Without the images, write out the entries word for word.

+ + + + + + +

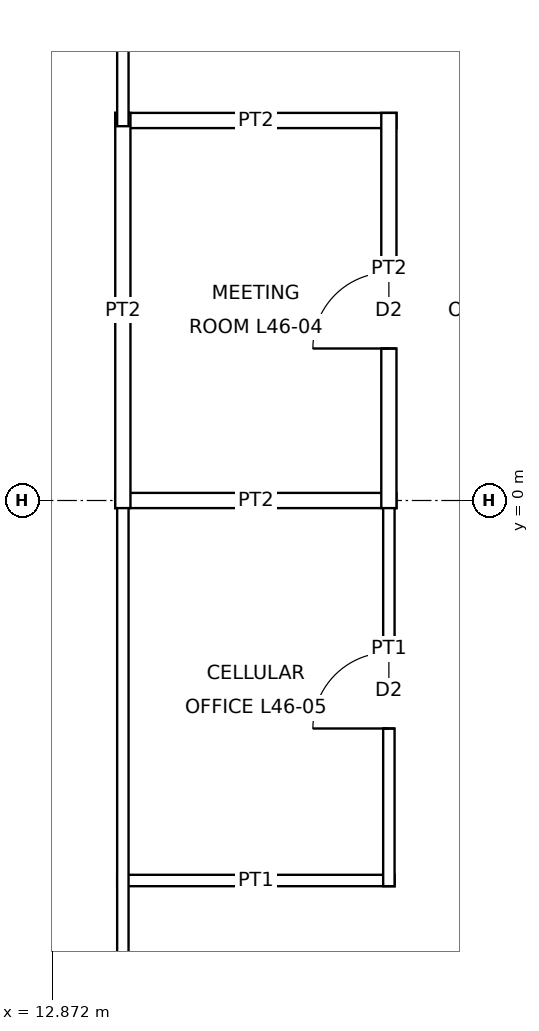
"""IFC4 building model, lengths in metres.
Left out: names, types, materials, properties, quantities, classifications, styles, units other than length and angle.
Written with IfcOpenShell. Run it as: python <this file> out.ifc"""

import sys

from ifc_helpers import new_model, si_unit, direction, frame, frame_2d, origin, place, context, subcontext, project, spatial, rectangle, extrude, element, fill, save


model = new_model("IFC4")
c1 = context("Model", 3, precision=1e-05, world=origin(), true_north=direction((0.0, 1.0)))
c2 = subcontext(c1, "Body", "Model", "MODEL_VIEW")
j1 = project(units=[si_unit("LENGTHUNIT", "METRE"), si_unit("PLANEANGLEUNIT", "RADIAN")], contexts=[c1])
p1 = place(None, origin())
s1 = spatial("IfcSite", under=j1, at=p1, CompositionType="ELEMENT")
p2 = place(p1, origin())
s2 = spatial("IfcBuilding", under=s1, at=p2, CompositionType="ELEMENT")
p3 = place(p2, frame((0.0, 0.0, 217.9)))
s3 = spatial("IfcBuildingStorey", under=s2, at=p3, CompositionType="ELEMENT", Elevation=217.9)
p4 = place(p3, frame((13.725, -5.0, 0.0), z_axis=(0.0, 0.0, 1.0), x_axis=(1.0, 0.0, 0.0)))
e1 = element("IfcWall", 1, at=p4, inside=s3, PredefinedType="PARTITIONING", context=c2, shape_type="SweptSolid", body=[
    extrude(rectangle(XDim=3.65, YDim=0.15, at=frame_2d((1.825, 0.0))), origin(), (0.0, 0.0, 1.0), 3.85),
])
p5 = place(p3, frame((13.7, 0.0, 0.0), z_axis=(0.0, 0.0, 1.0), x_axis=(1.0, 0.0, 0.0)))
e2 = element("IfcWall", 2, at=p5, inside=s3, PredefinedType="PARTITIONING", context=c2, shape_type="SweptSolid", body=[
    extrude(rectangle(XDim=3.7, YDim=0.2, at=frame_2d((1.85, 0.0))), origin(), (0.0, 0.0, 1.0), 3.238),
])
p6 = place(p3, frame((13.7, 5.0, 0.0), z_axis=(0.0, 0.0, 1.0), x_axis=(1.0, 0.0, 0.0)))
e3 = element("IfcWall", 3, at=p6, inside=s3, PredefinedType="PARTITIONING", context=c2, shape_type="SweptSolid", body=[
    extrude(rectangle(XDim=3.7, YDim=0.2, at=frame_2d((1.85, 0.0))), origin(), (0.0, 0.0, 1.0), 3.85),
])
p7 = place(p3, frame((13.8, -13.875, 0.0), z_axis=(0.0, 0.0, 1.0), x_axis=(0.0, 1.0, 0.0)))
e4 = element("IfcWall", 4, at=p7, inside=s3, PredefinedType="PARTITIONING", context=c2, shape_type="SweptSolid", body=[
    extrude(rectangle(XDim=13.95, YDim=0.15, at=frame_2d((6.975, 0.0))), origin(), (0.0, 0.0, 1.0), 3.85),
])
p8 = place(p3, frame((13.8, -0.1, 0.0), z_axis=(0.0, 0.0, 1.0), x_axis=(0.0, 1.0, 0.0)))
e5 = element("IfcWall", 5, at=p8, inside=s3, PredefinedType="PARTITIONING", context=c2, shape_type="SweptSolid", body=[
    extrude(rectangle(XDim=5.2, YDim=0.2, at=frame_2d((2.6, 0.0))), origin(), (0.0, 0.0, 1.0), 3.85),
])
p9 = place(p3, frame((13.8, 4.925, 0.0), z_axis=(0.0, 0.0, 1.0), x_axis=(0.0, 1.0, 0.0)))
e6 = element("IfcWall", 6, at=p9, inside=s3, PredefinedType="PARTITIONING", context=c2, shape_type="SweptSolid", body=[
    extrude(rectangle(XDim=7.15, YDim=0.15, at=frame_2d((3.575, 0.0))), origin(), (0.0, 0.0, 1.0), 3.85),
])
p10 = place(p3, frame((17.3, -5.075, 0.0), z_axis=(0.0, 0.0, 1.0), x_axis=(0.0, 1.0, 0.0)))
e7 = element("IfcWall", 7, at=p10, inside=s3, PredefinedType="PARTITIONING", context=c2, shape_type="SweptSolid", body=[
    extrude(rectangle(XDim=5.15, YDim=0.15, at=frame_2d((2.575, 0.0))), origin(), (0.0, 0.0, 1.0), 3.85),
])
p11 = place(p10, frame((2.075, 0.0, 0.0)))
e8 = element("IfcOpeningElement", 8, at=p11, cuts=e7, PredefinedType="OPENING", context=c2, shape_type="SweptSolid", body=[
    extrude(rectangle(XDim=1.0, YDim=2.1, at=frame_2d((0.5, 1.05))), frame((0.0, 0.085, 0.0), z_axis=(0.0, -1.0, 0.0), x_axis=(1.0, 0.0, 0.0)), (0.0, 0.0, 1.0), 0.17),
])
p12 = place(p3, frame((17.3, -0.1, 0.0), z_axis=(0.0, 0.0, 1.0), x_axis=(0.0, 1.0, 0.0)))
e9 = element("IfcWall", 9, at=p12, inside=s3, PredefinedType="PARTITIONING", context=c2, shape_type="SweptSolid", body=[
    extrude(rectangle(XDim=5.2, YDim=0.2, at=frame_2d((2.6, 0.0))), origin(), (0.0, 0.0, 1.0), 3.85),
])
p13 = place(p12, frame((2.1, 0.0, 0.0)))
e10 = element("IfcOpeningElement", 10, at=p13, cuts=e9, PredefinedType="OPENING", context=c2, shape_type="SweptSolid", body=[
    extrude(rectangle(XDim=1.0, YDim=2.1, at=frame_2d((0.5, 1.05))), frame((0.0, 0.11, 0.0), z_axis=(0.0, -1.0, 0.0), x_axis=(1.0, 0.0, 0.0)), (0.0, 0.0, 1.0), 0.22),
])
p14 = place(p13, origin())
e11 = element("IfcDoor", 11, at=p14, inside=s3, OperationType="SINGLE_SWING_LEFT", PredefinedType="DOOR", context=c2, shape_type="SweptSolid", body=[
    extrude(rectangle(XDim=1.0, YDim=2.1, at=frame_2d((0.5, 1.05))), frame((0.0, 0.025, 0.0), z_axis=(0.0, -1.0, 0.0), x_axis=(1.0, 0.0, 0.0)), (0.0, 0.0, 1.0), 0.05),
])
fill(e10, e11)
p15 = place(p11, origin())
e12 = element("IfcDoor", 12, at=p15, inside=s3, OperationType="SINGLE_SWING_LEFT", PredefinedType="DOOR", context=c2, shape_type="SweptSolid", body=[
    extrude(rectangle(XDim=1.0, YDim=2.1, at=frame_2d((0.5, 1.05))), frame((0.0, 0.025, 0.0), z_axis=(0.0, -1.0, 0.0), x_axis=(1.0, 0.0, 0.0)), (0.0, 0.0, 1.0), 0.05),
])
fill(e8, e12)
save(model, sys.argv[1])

+ + + + + + +

**SOLUTION TO THIS PROBLEM**:
"""IFC4 building model, lengths in metres.
Left out: names, types, materials, properties, quantities, classifications, styles, units other than length and angle.
Written with IfcOpenShell. Run it as: python <this file> out.ifc"""

import sys

from ifc_helpers import new_model, si_unit, direction, frame, frame_2d, origin, place, context, subcontext, project, spatial, rectangle, extrude, element, fill, save


model = new_model("IFC4")
c1 = context("Model", 3, precision=1e-05, world=origin(), true_north=direction((0.0, 1.0)))
c2 = subcontext(c1, "Body", "Model", "MODEL_VIEW")
j1 = project(units=[si_unit("LENGTHUNIT", "METRE"), si_unit("PLANEANGLEUNIT", "RADIAN")], contexts=[c1])
p1 = place(None, origin())
s1 = spatial("IfcSite", under=j1, at=p1, CompositionType="ELEMENT")
p2 = place(p1, origin())
s2 = spatial("IfcBuilding", under=s1, at=p2, CompositionType="ELEMENT")
p3 = place(p2, frame((0.0, 0.0, 217.9)))
s3 = spatial("IfcBuildingStorey", under=s2, at=p3, CompositionType="ELEMENT", Elevation=217.9)
p4 = place(p3, frame((13.725, -5.0, 0.0), z_axis=(0.0, 0.0, 1.0), x_axis=(1.0, 0.0, 0.0)))
e1 = element("IfcWall", 1, at=p4, inside=s3, PredefinedType="PARTITIONING", context=c2, shape_type="SweptSolid", body=[
    extrude(rectangle(XDim=3.65, YDim=0.15, at=frame_2d((1.825, 0.0))), origin(), (0.0, 0.0, 1.0), 3.85),
])
p5 = place(p3, frame((13.7, 0.0, 0.0), z_axis=(0.0, 0.0, 1.0), x_axis=(1.0, 0.0, 0.0)))
e2 = element("IfcWall", 2, at=p5, inside=s3, PredefinedType="PARTITIONING", context=c2, shape_type="SweptSolid", body=[
    extrude(rectangle(XDim=3.7, YDim=0.2, at=frame_2d((1.85, 0.0))), origin(), (0.0, 0.0, 1.0), 3.238),
])
p6 = place(p3, frame((13.7, 5.0, 0.0), z_axis=(0.0, 0.0, 1.0), x_axis=(1.0, 0.0, 0.0)))
e3 = element("IfcWall", 3, at=p6, inside=s3, PredefinedType="PARTITIONING", context=c2, shape_type="SweptSolid", body=[
    extrude(rectangle(XDim=3.7, YDim=0.2, at=frame_2d((1.85, 0.0))), origin(), (0.0, 0.0, 1.0), 3.85),
])
p7 = place(p3, frame((13.8, -13.875, 0.0), z_axis=(0.0, 0.0, 1.0), x_axis=(0.0, 1.0, 0.0)))
e4 = element("IfcWall", 4, at=p7, inside=s3, PredefinedType="PARTITIONING", context=c2, shape_type="SweptSolid", body=[
    extrude(rectangle(XDim=13.95, YDim=0.15, at=frame_2d((6.975, 0.0))), origin(), (0.0, 0.0, 1.0), 3.85),
])
p8 = place(p3, frame((13.8, -0.1, 0.0), z_axis=(0.0, 0.0, 1.0), x_axis=(0.0, 1.0, 0.0)))
e5 = element("IfcWall", 5, at=p8, inside=s3, PredefinedType="PARTITIONING", context=c2, shape_type="SweptSolid", body=[
    extrude(rectangle(XDim=5.2, YDim=0.2, at=frame_2d((2.6, 0.0))), origin(), (0.0, 0.0, 1.0), 3.85),
])
p9 = place(p3, frame((13.8, 4.925, 0.0), z_axis=(0.0, 0.0, 1.0), x_axis=(0.0, 1.0, 0.0)))
e6 = element("IfcWall", 6, at=p9, inside=s3, PredefinedType="PARTITIONING", context=c2, shape_type="SweptSolid", body=[
    extrude(rectangle(XDim=7.15, YDim=0.15, at=frame_2d((3.575, 0.0))), origin(), (0.0, 0.0, 1.0), 3.85),
])
p10 = place(p3, frame((17.3, -5.075, 0.0), z_axis=(0.0, 0.0, 1.0), x_axis=(0.0, 1.0, 0.0)))
e7 = element("IfcWall", 7, at=p10, inside=s3, PredefinedType="PARTITIONING", context=c2, shape_type="SweptSolid", body=[
    extrude(rectangle(XDim=5.15, YDim=0.15, at=frame_2d((2.575, 0.0))), origin(), (0.0, 0.0, 1.0), 3.85),
])
p11 = place(p10, frame((2.075, 0.0, 0.0)))
e8 = element("IfcOpeningElement", 8, at=p11, cuts=e7, PredefinedType="OPENING", context=c2, shape_type="SweptSolid", body=[
    extrude(rectangle(XDim=1.0, YDim=2.1, at=frame_2d((0.5, 1.05))), frame((0.0, 0.085, 0.0), z_axis=(0.0, -1.0, 0.0), x_axis=(1.0, 0.0, 0.0)), (0.0, 0.0, 1.0), 0.17),
])
p12 = place(p3, frame((17.3, -0.1, 0.0), z_axis=(0.0, 0.0, 1.0), x_axis=(0.0, 1.0, 0.0)))
e9 = element("IfcWall", 9, at=p12, inside=s3, PredefinedType="PARTITIONING", context=c2, shape_type="SweptSolid", body=[
    extrude(rectangle(XDim=5.2, YDim=0.2, at=frame_2d((2.6, 0.0))), origin(), (0.0, 0.0, 1.0), 3.85),
])
p13 = place(p12, frame((2.1, 0.0, 0.0)))
e10 = element("IfcOpeningElement", 10, at=p13, cuts=e9, PredefinedType="OPENING", context=c2, shape_type="SweptSolid", body=[
    extrude(rectangle(XDim=1.0, YDim=2.1, at=frame_2d((0.5, 1.05))), frame((0.0, 0.11, 0.0), z_axis=(0.0, -1.0, 0.0), x_axis=(1.0, 0.0, 0.0)), (0.0, 0.0, 1.0), 0.22),
])
p14 = place(p13, origin())
e11 = element("IfcDoor", 11, at=p14, inside=s3, OperationType="SINGLE_SWING_LEFT", PredefinedType="DOOR", context=c2, shape_type="SweptSolid", body=[
    extrude(rectangle(XDim=1.0, YDim=2.1, at=frame_2d((0.5, 1.05))), frame((0.0, 0.025, 0.0), z_axis=(0.0, -1.0, 0.0), x_axis=(1.0, 0.0, 0.0)), (0.0, 0.0, 1.0), 0.05),
])
fill(e10, e11)
p15 = place(p11, origin())
e12 = element("IfcDoor", 12, at=p15, inside=s3, OperationType="SINGLE_SWING_LEFT", PredefinedType="DOOR", context=c2, shape_type="SweptSolid", body=[
    extrude(rectangle(XDim=1.0, YDim=2.1, at=frame_2d((0.5, 1.05))), frame((0.0, 0.025, 0.0), z_axis=(0.0, -1.0, 0.0), x_axis=(1.0, 0.0, 0.0)), (0.0, 0.0, 1.0), 0.05),
])
fill(e8, e12)
save(model, sys.argv[1])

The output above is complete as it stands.